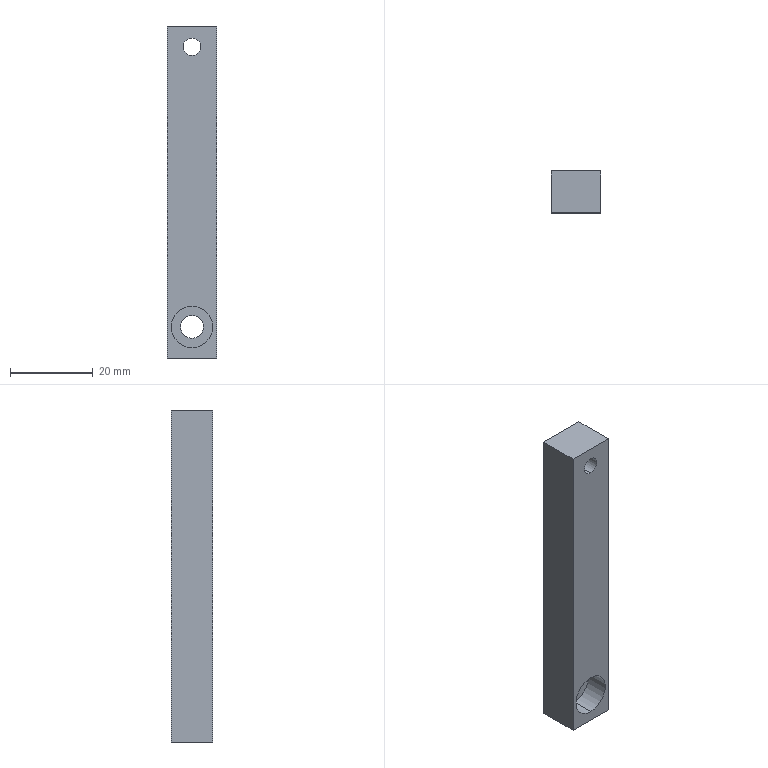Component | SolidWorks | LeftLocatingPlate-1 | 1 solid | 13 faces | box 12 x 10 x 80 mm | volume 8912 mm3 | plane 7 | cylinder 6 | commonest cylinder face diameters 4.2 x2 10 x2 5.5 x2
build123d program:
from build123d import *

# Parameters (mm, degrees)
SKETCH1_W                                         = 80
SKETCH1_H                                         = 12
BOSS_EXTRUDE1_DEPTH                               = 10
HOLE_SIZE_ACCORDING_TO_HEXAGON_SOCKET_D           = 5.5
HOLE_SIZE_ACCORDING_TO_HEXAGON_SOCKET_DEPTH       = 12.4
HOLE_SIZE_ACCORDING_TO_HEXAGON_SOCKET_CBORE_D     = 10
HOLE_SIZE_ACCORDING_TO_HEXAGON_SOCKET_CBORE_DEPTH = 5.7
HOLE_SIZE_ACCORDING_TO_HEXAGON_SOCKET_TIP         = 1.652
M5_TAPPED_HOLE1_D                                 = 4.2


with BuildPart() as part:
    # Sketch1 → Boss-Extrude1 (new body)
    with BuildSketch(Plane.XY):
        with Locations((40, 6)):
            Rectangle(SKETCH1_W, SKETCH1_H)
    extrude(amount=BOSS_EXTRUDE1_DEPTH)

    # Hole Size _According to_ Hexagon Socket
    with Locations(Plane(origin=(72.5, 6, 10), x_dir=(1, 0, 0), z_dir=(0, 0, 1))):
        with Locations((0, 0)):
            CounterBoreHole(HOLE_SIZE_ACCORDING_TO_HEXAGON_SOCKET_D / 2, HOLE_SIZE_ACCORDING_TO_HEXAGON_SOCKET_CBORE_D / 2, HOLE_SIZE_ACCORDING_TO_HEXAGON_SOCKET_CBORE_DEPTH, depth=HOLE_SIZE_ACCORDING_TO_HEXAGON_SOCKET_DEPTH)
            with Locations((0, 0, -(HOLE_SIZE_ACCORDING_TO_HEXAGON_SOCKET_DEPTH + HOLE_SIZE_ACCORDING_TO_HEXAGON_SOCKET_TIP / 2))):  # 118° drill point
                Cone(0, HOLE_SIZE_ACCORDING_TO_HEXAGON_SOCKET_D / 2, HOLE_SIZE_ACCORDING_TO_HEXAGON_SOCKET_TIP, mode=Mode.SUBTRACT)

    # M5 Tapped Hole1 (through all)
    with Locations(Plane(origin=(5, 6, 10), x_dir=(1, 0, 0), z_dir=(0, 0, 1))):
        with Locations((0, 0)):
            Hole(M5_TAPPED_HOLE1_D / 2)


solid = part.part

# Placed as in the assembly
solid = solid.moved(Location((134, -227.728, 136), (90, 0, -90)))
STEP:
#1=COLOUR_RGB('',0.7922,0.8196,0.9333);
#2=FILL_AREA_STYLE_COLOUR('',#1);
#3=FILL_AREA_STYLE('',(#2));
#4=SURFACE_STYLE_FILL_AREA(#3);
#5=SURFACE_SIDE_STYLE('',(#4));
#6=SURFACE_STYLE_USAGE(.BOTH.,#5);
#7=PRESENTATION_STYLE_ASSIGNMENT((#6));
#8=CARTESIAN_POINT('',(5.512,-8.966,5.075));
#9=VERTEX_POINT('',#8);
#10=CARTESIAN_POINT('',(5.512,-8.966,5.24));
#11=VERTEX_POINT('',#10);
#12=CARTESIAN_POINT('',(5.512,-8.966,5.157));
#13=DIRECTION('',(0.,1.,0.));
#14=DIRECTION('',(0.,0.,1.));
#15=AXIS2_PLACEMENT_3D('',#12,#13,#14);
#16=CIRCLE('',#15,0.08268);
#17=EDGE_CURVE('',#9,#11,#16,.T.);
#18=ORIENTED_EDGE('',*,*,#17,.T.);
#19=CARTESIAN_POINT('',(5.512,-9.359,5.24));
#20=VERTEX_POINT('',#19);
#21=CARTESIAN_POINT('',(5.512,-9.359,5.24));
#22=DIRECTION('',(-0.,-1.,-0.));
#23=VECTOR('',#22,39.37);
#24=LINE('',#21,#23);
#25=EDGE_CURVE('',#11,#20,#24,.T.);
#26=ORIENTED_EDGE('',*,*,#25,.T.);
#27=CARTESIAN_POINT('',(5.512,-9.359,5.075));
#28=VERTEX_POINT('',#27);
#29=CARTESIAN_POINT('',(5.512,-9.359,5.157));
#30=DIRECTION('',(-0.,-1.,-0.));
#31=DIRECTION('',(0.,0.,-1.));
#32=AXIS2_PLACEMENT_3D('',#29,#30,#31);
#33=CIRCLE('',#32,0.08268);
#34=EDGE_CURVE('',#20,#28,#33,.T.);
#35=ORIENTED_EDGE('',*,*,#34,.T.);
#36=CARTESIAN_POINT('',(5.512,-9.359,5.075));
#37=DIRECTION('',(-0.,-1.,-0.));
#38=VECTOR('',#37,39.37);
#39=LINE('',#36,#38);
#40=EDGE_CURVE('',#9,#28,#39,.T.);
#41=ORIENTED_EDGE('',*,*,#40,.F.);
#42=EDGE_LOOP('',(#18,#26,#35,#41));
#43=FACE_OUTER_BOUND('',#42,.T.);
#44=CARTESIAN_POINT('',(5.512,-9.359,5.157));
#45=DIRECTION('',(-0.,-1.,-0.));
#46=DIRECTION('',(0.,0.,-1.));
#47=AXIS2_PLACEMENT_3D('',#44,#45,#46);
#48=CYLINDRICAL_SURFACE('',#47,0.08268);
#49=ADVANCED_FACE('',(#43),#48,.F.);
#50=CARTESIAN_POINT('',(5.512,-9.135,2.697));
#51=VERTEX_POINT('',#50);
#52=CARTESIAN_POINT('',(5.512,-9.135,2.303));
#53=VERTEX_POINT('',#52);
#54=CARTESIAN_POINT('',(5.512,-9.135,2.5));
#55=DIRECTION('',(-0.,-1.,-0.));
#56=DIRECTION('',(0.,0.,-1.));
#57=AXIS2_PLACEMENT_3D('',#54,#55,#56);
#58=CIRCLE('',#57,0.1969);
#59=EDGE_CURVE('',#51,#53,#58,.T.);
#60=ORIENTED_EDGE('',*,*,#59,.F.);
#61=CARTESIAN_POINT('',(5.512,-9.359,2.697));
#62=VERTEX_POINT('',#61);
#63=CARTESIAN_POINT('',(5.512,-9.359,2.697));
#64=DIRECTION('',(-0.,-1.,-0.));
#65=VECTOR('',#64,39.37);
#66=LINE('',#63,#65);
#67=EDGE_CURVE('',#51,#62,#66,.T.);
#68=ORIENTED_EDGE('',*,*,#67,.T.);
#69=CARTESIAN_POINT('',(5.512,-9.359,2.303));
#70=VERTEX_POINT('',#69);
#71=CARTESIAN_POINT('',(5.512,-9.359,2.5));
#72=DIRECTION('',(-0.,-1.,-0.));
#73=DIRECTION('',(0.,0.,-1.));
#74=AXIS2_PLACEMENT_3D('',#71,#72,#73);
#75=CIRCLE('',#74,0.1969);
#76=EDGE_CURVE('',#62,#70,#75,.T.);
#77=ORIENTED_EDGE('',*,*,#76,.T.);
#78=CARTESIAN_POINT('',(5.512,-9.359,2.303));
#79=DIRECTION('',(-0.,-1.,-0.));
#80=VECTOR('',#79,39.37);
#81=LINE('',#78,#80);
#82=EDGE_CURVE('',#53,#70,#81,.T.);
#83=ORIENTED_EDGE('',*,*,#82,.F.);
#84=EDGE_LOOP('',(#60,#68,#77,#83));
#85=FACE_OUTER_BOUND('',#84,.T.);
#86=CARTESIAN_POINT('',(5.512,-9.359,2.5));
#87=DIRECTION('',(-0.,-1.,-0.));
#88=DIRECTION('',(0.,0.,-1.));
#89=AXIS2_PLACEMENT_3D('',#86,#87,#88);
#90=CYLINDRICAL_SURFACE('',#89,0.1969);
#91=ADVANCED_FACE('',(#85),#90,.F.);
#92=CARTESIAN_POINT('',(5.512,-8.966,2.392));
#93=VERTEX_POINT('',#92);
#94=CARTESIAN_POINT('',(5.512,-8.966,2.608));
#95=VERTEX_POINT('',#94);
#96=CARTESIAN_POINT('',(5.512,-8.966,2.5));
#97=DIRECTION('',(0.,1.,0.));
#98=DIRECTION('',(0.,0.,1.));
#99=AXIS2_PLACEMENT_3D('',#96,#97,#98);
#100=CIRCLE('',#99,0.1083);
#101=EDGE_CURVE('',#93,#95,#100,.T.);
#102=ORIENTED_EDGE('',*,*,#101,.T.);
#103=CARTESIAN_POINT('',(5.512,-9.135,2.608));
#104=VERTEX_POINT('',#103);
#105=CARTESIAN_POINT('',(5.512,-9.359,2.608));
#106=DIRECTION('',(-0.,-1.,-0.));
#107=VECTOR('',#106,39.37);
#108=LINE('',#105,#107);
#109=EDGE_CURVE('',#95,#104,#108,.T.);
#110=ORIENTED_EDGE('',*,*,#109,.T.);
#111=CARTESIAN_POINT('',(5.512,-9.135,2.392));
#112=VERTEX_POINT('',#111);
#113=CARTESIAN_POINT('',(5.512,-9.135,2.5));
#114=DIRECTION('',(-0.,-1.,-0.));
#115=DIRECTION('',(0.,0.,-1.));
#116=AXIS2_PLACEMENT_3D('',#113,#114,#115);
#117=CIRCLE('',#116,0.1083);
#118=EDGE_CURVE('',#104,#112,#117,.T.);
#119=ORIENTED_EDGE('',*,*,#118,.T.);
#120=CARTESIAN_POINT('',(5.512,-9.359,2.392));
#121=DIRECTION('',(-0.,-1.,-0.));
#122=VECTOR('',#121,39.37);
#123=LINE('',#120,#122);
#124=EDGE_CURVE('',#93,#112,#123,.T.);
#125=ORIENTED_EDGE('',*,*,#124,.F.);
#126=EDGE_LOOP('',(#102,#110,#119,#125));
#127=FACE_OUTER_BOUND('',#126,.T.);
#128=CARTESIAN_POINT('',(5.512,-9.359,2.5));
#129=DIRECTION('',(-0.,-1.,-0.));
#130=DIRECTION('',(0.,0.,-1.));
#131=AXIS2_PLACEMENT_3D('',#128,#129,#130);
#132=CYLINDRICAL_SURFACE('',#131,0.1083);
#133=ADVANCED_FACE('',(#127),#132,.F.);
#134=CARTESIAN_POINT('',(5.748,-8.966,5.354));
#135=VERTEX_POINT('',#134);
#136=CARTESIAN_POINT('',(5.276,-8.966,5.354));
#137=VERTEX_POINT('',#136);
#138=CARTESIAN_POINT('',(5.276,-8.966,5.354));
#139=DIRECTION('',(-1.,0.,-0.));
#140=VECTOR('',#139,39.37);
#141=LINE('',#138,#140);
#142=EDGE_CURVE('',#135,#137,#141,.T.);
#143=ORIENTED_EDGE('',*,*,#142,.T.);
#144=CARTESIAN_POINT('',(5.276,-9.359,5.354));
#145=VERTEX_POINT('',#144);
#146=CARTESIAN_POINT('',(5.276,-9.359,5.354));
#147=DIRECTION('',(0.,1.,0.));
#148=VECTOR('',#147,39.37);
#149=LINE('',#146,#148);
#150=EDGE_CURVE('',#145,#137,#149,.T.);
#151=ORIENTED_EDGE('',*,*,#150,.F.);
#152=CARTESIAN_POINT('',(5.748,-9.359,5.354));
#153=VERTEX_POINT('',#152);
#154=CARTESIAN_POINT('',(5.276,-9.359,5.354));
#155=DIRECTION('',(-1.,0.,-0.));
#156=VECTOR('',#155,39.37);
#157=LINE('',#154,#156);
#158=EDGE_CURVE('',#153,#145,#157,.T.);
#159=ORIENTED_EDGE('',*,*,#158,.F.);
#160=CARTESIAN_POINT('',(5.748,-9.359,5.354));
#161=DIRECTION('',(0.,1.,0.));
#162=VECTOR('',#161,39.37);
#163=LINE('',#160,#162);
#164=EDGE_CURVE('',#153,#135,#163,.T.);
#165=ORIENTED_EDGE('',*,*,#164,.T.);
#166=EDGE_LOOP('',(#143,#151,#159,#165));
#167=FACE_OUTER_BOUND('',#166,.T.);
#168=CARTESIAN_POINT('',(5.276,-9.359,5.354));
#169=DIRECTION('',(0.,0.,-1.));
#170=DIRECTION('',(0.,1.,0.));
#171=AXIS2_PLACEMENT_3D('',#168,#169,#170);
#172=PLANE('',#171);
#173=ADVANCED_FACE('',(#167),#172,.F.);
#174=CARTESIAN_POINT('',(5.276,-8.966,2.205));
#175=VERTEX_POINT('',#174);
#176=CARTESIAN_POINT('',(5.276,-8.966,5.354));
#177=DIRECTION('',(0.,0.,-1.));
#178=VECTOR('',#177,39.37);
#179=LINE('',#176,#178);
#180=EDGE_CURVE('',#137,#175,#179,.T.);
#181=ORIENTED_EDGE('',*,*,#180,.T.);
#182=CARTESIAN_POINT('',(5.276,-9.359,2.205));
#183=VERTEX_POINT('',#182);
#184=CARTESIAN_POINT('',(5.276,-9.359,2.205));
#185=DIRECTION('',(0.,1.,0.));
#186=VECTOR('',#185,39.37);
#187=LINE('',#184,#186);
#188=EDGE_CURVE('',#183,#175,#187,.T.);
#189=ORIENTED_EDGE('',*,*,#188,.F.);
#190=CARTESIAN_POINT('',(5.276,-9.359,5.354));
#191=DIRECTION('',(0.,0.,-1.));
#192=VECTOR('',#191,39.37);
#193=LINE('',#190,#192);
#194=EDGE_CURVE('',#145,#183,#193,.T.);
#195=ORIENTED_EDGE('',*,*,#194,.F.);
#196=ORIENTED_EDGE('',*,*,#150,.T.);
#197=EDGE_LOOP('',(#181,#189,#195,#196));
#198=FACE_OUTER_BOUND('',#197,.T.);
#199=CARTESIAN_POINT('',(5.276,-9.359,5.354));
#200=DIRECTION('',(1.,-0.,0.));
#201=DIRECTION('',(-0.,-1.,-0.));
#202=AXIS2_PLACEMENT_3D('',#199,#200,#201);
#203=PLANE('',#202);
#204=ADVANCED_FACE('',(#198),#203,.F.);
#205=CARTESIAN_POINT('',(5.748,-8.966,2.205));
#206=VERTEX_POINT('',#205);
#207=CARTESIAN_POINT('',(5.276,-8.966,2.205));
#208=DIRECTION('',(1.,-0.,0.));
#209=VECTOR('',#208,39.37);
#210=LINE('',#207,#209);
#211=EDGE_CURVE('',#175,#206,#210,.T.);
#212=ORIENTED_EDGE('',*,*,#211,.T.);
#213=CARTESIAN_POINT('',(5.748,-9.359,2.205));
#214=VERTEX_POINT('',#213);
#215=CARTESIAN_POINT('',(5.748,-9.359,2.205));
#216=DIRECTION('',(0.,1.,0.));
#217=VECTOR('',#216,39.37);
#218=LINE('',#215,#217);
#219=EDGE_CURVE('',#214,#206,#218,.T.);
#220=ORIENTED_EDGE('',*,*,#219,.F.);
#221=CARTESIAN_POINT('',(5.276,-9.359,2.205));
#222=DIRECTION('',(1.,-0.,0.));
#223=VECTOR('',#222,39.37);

• Required work: Determine how many lines of the entries contain the string "origin", and reply with nothing but the number.

• Task solution: 2